Provided records Start Marker
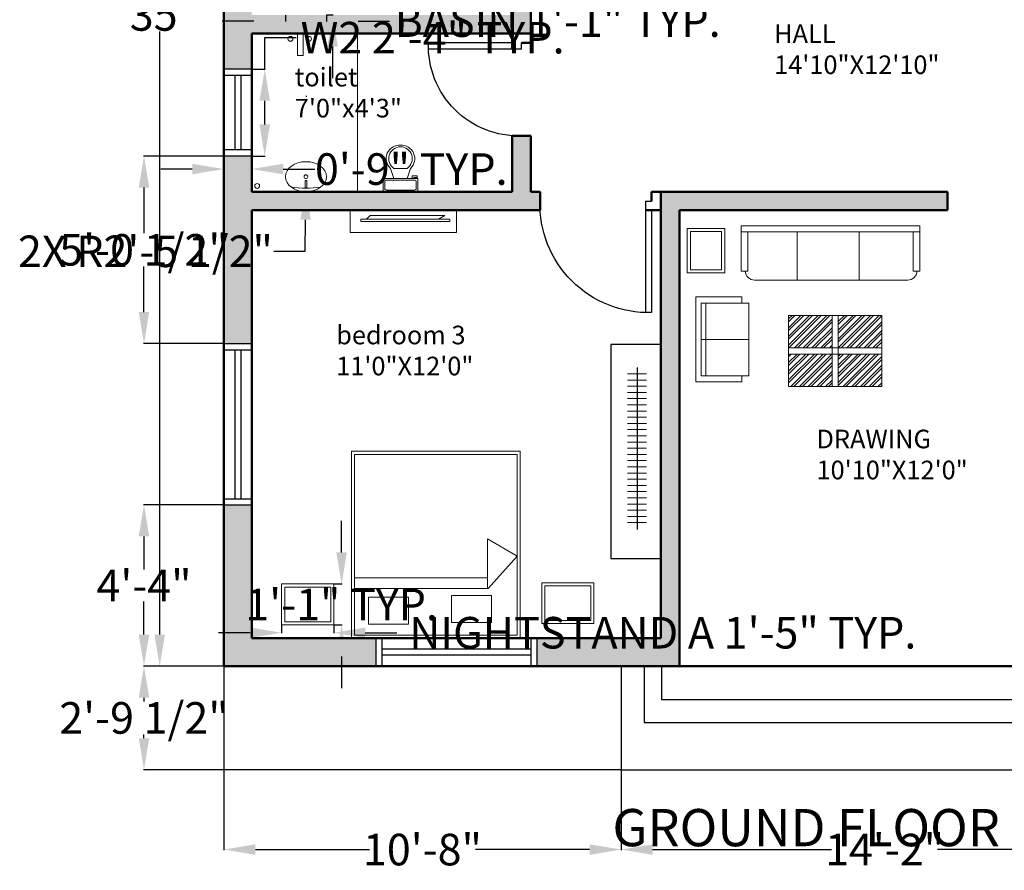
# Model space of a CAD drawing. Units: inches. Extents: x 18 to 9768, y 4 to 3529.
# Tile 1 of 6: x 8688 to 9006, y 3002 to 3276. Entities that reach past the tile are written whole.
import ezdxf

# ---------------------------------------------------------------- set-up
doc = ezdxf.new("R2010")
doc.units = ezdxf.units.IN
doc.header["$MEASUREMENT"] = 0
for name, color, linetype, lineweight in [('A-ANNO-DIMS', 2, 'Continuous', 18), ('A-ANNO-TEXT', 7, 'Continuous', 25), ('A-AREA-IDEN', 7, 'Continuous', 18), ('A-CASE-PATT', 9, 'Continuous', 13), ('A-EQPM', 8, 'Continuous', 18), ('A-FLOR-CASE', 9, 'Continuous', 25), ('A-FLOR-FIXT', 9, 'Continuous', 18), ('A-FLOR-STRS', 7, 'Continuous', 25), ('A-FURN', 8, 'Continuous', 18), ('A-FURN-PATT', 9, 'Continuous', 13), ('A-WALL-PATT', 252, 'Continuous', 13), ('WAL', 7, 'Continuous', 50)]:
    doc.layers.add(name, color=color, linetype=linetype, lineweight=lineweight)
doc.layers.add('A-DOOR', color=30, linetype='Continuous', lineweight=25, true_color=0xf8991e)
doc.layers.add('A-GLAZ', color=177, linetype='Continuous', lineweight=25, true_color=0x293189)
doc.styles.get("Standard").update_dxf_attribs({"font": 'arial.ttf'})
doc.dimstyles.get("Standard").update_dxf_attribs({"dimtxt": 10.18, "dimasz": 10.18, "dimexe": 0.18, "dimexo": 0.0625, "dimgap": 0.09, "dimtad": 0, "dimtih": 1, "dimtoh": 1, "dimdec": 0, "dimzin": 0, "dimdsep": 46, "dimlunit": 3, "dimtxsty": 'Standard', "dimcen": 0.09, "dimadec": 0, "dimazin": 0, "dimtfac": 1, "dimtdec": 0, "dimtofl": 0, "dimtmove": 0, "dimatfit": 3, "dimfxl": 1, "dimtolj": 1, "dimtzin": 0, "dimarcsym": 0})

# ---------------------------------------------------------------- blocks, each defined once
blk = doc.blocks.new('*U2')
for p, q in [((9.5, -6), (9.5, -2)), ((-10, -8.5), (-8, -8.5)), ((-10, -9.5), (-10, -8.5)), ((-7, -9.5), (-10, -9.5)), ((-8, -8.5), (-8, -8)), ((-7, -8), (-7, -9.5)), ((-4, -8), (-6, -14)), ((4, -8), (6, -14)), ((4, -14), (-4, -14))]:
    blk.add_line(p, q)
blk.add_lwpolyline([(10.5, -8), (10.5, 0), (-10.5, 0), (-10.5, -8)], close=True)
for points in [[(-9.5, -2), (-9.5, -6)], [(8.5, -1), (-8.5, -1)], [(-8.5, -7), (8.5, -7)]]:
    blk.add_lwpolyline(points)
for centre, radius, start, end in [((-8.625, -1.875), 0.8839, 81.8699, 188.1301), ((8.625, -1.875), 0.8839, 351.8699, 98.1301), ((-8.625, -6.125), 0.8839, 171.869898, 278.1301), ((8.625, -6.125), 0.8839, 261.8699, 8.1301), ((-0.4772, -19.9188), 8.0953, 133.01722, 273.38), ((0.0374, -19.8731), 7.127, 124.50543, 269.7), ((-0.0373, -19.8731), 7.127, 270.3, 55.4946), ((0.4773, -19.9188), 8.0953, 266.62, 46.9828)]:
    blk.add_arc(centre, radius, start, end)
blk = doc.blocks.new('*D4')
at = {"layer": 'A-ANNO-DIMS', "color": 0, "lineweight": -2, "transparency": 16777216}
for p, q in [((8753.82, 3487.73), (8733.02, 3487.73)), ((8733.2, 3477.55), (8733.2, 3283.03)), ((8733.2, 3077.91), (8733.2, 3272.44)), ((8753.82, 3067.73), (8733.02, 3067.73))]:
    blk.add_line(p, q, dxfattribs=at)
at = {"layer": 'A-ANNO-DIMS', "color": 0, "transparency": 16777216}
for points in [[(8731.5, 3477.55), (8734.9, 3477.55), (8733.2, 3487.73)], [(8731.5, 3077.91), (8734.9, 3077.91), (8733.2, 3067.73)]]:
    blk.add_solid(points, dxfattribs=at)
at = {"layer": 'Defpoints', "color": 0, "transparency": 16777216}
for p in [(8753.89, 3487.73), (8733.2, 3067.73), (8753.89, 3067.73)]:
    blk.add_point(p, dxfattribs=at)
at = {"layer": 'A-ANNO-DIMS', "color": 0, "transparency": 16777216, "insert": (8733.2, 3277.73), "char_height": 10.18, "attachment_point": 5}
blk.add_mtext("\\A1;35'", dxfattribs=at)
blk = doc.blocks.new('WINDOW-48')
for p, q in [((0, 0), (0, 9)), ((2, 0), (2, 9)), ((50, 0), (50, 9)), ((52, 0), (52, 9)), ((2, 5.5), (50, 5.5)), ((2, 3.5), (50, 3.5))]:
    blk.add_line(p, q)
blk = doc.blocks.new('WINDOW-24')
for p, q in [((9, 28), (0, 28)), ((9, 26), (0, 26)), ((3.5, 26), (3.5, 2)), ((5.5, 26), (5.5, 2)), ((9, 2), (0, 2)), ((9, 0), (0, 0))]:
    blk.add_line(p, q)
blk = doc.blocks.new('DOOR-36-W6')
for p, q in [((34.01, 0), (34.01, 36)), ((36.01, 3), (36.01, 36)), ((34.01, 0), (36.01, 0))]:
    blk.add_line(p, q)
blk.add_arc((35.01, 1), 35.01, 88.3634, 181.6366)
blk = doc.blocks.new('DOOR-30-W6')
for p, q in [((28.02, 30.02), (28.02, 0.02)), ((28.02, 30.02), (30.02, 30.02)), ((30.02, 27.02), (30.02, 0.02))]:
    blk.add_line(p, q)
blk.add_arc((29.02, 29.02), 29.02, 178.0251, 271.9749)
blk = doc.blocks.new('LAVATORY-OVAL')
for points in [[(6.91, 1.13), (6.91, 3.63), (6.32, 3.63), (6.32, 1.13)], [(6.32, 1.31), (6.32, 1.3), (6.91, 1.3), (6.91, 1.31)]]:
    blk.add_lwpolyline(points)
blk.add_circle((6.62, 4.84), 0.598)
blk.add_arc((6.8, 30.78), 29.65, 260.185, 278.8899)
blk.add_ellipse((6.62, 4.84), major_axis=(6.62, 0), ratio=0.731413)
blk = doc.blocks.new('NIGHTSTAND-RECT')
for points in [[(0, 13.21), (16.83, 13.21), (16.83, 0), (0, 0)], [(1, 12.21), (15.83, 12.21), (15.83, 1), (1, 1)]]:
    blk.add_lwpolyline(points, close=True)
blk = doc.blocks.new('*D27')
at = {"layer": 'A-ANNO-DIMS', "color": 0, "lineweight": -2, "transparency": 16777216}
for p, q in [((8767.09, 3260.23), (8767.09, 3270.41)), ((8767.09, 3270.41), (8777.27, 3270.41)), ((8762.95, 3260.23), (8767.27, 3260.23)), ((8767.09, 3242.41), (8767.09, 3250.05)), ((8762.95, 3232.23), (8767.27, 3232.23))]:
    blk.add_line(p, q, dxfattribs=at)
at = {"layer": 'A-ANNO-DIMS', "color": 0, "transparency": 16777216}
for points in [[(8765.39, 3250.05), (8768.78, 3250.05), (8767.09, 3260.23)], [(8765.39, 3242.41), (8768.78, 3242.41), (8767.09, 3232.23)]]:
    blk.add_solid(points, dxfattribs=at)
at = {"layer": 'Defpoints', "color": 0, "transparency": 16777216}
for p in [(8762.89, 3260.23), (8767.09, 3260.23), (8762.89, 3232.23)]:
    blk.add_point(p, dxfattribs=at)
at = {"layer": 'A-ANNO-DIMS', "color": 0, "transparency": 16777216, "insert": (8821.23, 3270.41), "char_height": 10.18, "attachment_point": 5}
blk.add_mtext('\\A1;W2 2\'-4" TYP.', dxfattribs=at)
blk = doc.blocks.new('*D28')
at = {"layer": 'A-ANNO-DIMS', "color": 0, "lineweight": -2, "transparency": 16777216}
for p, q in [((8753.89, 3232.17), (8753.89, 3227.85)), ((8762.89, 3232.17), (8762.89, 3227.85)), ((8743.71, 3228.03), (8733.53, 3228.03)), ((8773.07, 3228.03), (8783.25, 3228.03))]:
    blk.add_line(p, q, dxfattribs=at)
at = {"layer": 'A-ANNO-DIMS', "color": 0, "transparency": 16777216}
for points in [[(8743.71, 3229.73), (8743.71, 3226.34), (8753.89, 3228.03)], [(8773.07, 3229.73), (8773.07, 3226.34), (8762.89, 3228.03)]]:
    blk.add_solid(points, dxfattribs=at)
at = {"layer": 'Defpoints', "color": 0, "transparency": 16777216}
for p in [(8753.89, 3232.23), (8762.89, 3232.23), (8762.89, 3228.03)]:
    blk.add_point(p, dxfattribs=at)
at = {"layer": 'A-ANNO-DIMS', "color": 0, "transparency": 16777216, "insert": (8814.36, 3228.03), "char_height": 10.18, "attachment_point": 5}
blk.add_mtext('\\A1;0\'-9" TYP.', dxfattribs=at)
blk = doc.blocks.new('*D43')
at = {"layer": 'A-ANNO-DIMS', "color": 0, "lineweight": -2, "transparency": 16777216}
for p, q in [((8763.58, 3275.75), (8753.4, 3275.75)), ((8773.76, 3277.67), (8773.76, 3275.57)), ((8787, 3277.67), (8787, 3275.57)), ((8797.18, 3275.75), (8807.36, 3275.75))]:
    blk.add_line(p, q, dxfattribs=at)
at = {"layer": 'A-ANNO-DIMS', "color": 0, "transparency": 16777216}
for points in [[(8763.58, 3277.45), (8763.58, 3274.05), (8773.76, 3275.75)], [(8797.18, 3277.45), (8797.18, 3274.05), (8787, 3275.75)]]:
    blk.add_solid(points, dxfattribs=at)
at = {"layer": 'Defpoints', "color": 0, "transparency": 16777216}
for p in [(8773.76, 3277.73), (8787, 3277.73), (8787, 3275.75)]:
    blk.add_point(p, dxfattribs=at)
Provided records End Marker
Once the lines containing "blocks" in the data above are counted, give the total by itself.

## Answer section
12